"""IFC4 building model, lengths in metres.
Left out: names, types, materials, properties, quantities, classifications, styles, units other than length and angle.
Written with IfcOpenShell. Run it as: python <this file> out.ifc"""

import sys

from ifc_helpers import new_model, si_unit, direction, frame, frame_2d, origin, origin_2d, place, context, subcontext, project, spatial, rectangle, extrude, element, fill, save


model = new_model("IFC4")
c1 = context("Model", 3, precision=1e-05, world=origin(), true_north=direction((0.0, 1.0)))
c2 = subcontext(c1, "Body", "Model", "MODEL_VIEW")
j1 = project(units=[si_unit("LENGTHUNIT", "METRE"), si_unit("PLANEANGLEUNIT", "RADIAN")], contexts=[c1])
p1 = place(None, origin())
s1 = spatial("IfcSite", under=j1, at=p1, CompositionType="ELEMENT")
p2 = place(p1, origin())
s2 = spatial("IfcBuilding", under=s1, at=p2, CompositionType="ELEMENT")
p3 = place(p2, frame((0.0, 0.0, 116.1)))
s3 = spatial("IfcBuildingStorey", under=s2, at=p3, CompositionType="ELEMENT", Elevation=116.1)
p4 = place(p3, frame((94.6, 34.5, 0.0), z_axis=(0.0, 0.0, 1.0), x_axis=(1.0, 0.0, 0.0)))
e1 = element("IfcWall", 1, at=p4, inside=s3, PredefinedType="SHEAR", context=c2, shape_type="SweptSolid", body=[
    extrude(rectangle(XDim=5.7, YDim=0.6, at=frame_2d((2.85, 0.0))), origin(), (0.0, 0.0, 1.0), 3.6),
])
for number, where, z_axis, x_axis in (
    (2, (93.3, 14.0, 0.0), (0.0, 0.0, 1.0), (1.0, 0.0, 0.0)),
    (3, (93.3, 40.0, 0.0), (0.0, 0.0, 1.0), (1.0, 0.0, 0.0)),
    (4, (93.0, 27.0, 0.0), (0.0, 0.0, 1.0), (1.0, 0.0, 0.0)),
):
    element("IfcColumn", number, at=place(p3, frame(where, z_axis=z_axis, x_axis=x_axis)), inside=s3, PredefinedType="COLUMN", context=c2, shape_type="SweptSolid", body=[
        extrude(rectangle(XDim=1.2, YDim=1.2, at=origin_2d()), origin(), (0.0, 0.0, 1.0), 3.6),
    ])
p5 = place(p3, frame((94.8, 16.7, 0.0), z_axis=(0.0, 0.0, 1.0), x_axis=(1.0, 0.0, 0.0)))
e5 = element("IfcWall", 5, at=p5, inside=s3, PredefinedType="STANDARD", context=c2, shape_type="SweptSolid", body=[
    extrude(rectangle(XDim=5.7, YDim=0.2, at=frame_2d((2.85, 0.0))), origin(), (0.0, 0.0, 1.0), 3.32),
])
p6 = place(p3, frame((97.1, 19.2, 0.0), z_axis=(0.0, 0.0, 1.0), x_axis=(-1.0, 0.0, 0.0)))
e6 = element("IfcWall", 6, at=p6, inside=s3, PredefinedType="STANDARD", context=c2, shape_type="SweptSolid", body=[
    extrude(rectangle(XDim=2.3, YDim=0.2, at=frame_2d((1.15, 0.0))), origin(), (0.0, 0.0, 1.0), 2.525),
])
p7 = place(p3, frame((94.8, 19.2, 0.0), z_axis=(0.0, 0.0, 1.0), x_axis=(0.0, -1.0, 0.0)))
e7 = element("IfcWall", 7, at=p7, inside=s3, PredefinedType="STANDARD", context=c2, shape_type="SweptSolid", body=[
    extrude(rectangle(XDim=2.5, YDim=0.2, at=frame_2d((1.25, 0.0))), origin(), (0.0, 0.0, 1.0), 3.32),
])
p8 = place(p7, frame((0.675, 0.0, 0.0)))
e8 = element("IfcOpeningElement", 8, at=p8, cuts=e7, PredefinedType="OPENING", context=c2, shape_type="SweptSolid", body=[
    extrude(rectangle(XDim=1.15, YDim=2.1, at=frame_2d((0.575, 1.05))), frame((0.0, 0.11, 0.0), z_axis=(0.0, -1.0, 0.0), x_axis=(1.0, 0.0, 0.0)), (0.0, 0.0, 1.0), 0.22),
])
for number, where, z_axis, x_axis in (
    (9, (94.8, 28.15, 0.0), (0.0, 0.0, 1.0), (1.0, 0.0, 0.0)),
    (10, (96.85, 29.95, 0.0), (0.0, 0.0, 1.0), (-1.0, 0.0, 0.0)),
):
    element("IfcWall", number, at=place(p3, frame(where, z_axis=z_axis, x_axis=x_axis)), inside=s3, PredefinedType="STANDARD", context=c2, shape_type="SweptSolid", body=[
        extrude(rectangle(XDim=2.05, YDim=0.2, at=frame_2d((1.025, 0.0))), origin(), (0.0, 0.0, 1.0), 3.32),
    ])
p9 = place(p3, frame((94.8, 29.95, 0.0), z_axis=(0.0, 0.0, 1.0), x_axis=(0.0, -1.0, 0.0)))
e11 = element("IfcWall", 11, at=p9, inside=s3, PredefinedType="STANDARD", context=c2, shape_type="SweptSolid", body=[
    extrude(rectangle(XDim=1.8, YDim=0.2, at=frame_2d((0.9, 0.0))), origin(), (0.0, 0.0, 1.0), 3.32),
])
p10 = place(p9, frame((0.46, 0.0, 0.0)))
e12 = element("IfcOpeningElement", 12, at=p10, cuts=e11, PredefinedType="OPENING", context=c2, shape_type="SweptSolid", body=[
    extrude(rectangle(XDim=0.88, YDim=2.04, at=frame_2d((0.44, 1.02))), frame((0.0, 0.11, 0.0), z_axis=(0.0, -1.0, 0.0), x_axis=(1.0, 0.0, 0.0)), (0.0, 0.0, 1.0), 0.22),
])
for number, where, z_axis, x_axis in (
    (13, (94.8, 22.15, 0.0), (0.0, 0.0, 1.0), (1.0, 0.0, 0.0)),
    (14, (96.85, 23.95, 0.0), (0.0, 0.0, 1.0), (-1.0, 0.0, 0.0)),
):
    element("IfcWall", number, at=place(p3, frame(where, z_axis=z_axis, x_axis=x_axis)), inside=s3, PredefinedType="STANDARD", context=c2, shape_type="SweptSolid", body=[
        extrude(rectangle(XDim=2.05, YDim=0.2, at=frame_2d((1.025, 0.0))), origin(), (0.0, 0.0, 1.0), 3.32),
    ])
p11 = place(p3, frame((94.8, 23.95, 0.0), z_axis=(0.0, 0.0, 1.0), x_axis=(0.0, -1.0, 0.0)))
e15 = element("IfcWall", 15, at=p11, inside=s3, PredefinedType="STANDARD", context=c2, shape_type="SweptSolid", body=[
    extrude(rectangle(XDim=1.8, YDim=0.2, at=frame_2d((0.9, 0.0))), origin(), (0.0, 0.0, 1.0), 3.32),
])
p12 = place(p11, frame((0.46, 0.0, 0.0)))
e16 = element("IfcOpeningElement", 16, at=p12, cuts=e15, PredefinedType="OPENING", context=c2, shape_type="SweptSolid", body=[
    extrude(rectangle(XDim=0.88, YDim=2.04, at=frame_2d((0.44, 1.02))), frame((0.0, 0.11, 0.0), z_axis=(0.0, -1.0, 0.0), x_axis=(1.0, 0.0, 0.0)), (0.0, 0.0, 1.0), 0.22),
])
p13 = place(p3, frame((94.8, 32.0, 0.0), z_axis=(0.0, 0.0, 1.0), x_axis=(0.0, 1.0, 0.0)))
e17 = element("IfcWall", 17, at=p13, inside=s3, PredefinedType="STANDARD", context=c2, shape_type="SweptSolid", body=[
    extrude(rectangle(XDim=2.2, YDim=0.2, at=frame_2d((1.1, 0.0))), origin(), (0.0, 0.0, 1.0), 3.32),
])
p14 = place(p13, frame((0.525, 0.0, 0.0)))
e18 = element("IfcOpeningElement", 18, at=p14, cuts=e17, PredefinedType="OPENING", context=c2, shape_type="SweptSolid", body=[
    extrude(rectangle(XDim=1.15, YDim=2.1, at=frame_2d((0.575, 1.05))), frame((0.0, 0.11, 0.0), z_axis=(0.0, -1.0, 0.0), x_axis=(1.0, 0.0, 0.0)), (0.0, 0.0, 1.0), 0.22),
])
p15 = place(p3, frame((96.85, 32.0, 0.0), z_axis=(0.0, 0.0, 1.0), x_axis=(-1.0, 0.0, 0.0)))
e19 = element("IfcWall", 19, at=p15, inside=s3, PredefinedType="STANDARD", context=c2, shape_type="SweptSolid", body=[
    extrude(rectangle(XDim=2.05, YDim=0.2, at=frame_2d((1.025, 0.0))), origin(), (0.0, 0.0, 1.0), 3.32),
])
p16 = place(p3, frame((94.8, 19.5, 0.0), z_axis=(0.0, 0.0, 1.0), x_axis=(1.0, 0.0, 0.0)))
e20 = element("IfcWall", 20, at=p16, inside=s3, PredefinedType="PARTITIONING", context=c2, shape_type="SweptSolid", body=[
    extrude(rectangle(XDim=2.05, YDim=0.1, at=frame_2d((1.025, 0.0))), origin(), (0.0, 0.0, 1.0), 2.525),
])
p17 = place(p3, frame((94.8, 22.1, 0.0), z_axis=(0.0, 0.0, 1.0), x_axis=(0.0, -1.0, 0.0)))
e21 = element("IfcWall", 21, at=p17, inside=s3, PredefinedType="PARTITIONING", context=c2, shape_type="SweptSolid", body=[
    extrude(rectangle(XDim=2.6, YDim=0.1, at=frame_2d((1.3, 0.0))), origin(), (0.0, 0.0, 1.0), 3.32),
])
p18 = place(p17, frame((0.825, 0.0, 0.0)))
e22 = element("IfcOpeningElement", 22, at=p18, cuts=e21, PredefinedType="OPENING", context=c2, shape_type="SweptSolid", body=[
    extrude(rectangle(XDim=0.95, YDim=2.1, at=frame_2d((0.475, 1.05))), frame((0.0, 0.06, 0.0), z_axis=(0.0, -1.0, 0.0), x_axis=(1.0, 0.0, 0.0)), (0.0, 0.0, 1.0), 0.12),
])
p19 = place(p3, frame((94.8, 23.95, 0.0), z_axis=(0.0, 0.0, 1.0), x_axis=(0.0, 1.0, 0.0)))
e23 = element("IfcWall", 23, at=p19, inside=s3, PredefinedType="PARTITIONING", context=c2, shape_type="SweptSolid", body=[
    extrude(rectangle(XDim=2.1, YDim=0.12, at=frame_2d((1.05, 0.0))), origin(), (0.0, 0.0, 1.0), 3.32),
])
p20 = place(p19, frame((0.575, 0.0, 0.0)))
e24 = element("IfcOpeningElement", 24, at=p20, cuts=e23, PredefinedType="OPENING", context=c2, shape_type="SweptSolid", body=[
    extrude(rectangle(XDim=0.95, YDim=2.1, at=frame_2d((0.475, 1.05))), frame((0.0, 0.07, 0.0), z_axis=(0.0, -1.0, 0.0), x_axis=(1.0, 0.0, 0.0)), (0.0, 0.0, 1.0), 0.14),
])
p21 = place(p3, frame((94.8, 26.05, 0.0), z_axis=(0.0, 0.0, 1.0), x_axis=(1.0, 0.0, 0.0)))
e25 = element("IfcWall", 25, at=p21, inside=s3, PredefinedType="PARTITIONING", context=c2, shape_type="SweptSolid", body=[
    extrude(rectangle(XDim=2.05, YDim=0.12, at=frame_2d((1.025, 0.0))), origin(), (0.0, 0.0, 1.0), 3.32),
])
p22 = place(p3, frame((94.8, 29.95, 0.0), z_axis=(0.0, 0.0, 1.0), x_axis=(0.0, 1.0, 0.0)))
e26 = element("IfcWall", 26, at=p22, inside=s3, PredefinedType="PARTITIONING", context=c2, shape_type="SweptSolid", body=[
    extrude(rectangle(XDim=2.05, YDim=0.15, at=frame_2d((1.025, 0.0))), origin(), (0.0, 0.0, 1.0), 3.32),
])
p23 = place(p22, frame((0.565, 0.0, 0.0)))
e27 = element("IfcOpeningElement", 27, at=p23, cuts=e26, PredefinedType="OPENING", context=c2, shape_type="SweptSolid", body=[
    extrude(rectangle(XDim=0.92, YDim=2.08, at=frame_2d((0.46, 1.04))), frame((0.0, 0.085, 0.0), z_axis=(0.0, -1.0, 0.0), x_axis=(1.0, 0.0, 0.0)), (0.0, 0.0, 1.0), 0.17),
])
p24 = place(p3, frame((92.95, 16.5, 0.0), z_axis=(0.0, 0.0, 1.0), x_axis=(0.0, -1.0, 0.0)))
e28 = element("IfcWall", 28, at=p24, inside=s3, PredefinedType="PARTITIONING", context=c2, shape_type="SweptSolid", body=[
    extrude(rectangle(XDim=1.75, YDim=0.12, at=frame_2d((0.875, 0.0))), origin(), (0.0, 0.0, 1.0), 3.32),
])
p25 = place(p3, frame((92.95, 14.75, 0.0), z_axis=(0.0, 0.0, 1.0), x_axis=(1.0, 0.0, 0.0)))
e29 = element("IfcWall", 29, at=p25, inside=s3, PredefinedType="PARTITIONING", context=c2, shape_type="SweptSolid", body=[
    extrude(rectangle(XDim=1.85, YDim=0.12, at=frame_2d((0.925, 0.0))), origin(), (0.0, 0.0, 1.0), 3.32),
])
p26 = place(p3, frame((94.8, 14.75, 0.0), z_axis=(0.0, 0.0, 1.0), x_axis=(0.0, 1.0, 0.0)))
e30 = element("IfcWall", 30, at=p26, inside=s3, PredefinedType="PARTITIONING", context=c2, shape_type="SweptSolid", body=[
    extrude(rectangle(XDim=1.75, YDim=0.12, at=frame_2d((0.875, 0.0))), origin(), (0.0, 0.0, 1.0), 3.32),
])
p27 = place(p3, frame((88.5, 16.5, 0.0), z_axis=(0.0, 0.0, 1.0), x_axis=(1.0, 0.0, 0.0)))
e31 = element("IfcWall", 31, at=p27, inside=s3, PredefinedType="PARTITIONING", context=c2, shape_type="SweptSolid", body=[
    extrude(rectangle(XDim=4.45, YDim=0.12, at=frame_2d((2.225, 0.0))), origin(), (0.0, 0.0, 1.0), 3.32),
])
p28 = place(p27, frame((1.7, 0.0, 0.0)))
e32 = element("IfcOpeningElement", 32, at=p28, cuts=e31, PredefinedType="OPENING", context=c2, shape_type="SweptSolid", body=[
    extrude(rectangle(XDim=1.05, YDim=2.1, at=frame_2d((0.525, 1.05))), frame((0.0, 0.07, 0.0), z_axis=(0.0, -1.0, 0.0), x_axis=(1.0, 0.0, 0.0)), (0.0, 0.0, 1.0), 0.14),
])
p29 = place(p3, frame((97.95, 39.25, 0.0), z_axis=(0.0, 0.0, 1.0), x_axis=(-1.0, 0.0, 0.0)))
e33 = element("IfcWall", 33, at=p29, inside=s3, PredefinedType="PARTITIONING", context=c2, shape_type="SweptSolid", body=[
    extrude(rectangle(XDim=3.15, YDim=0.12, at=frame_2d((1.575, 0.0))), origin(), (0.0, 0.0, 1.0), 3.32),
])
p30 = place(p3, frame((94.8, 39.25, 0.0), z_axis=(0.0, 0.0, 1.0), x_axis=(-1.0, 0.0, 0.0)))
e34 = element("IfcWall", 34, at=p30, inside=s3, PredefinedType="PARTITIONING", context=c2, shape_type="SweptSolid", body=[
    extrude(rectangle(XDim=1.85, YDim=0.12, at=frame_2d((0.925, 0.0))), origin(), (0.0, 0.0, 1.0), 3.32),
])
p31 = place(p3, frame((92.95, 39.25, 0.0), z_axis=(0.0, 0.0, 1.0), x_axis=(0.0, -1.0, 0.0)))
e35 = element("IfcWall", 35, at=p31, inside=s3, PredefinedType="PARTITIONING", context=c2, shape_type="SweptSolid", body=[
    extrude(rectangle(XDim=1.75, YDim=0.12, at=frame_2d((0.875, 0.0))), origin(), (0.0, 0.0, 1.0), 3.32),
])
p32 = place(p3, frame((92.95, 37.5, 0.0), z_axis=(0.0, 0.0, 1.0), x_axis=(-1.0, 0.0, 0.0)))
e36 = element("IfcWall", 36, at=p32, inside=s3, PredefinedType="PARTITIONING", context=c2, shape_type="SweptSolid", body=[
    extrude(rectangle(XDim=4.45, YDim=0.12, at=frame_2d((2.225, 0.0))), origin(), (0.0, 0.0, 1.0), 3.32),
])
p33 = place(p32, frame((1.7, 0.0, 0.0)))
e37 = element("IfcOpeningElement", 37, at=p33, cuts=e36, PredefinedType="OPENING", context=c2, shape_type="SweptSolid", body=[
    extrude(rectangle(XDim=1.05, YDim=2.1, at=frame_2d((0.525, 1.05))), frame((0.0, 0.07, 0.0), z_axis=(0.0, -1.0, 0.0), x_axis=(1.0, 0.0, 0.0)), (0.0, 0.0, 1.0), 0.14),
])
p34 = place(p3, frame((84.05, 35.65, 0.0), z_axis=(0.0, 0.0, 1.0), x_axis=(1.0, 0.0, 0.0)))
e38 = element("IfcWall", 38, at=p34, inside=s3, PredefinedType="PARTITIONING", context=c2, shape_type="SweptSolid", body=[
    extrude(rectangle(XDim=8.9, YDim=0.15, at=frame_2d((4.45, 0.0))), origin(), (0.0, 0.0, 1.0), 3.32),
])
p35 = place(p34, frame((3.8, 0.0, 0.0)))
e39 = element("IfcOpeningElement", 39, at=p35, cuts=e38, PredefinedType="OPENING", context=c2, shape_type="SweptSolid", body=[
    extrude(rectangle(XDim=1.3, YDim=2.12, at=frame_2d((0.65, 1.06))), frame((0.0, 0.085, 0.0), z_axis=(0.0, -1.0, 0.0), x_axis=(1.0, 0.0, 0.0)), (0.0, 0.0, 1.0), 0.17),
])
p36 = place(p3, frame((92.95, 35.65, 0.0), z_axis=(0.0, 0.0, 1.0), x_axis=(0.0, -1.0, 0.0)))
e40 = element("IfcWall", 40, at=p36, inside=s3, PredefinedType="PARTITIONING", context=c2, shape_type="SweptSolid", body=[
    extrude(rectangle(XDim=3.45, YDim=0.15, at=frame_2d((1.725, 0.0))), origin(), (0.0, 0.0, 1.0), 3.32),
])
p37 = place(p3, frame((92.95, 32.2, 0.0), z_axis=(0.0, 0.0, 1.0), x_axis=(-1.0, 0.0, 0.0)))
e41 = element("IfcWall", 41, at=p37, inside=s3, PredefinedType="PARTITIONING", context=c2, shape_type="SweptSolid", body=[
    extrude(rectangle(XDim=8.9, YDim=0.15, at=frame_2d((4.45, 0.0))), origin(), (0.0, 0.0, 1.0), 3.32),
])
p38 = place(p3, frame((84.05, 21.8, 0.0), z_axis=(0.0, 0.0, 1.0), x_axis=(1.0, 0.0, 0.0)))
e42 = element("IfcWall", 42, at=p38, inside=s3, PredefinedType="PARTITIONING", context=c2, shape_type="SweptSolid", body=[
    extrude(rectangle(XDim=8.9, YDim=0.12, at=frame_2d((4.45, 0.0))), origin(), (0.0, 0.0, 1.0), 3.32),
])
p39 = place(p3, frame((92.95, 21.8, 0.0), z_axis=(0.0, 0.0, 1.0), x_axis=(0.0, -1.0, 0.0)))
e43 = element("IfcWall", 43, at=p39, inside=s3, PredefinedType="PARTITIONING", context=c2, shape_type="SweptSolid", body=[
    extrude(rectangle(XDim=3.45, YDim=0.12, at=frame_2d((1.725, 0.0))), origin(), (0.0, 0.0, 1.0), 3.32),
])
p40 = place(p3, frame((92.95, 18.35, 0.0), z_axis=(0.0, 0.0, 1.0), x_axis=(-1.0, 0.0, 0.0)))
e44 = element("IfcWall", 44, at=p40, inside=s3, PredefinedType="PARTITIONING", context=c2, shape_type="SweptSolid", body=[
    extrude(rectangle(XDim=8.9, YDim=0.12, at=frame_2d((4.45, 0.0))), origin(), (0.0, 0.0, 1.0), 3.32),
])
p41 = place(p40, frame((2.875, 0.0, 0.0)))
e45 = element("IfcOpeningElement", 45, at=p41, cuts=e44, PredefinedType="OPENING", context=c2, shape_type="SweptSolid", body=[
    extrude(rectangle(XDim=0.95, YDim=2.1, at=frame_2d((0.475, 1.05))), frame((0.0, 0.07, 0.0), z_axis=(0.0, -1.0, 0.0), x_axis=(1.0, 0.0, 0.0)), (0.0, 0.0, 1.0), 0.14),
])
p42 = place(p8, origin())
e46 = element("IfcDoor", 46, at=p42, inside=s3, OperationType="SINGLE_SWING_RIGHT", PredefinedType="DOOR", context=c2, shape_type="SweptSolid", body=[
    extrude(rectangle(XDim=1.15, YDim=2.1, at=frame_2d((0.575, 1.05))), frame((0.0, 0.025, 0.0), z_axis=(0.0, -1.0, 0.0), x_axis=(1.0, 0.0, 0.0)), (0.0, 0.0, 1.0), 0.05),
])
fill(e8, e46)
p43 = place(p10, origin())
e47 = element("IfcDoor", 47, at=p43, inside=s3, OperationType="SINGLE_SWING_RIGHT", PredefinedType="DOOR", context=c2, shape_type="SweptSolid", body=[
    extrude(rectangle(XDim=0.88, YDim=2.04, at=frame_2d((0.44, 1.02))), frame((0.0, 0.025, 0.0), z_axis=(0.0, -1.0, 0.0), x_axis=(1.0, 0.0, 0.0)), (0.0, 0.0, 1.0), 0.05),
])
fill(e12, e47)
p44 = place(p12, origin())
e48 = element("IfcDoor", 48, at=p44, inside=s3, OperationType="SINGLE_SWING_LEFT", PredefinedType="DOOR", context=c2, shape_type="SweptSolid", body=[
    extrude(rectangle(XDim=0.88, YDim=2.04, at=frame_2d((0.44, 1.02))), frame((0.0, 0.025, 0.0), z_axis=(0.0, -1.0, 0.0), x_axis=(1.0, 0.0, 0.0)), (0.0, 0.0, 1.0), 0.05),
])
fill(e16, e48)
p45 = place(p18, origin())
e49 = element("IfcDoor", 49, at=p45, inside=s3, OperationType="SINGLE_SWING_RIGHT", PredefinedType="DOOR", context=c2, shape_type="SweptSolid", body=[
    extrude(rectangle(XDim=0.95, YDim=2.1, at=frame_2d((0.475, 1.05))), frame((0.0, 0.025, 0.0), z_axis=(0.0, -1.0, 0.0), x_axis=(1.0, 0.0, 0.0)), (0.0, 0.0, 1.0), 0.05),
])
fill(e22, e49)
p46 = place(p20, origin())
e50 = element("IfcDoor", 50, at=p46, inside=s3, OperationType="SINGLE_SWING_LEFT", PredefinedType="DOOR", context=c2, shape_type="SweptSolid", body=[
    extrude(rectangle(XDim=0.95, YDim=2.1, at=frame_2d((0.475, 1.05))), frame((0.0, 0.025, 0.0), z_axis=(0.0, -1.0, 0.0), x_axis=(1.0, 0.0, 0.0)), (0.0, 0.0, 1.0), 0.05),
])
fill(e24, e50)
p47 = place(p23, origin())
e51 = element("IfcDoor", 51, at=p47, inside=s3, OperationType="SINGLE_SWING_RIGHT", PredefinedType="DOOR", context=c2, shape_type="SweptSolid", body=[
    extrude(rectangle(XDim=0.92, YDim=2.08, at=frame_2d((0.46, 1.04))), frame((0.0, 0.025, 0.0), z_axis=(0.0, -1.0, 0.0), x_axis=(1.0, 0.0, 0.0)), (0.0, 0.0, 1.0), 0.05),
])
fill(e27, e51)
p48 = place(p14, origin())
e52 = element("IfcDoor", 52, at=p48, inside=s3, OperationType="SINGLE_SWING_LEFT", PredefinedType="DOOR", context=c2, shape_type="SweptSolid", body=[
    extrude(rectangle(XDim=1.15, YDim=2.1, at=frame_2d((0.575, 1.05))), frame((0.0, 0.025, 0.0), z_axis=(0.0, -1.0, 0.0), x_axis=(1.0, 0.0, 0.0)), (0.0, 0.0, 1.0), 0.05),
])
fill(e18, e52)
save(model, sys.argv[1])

^^^^

Problem statement: Give back every line from the beginning of the records through the line holding "34.5, 0.0), z_axis=(0.0, 0.0, 1.0), x_axis=(1.0, 0.0, 0.0)))", exactly as it reads, and leave out the rest.

Response area:
"""IFC4 building model, lengths in metres.
Left out: names, types, materials, properties, quantities, classifications, styles, units other than length and angle.
Written with IfcOpenShell. Run it as: python <this file> out.ifc"""

import sys

from ifc_helpers import new_model, si_unit, direction, frame, frame_2d, origin, origin_2d, place, context, subcontext, project, spatial, rectangle, extrude, element, fill, save


model = new_model("IFC4")
c1 = context("Model", 3, precision=1e-05, world=origin(), true_north=direction((0.0, 1.0)))
c2 = subcontext(c1, "Body", "Model", "MODEL_VIEW")
j1 = project(units=[si_unit("LENGTHUNIT", "METRE"), si_unit("PLANEANGLEUNIT", "RADIAN")], contexts=[c1])
p1 = place(None, origin())
s1 = spatial("IfcSite", under=j1, at=p1, CompositionType="ELEMENT")
p2 = place(p1, origin())
s2 = spatial("IfcBuilding", under=s1, at=p2, CompositionType="ELEMENT")
p3 = place(p2, frame((0.0, 0.0, 116.1)))
s3 = spatial("IfcBuildingStorey", under=s2, at=p3, CompositionType="ELEMENT", Elevation=116.1)
p4 = place(p3, frame((94.6, 34.5, 0.0), z_axis=(0.0, 0.0, 1.0), x_axis=(1.0, 0.0, 0.0)))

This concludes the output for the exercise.